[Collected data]
□ □ □ □

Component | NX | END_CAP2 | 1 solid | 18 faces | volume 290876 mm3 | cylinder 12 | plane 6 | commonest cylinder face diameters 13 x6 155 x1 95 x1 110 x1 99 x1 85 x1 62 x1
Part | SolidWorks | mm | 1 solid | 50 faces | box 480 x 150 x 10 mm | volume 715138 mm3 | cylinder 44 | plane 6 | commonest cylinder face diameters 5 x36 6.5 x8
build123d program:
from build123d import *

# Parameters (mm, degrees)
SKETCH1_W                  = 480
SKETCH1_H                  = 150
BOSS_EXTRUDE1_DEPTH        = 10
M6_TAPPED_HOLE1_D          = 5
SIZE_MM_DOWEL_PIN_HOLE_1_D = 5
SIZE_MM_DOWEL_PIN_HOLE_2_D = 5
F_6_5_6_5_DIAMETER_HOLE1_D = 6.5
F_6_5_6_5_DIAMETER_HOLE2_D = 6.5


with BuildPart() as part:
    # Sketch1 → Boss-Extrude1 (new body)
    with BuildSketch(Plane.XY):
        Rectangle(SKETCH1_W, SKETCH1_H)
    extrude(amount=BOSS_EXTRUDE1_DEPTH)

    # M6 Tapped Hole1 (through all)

□ □ □ □

## ACTIVITY
Reproduce every record, matching each line exactly.

## RESPONSE BELOW
Component | NX | END_CAP2 | 1 solid | 18 faces | volume 290876 mm3 | cylinder 12 | plane 6 | commonest cylinder face diameters 13 x6 155 x1 95 x1 110 x1 99 x1 85 x1 62 x1
Part | SolidWorks | mm | 1 solid | 50 faces | box 480 x 150 x 10 mm | volume 715138 mm3 | cylinder 44 | plane 6 | commonest cylinder face diameters 5 x36 6.5 x8
build123d program:
from build123d import *

# Parameters (mm, degrees)
SKETCH1_W                  = 480
SKETCH1_H                  = 150
BOSS_EXTRUDE1_DEPTH        = 10
M6_TAPPED_HOLE1_D          = 5
SIZE_MM_DOWEL_PIN_HOLE_1_D = 5
SIZE_MM_DOWEL_PIN_HOLE_2_D = 5
F_6_5_6_5_DIAMETER_HOLE1_D = 6.5
F_6_5_6_5_DIAMETER_HOLE2_D = 6.5


with BuildPart() as part:
    # Sketch1 → Boss-Extrude1 (new body)
    with BuildSketch(Plane.XY):
        Rectangle(SKETCH1_W, SKETCH1_H)
    extrude(amount=BOSS_EXTRUDE1_DEPTH)

    # M6 Tapped Hole1 (through all)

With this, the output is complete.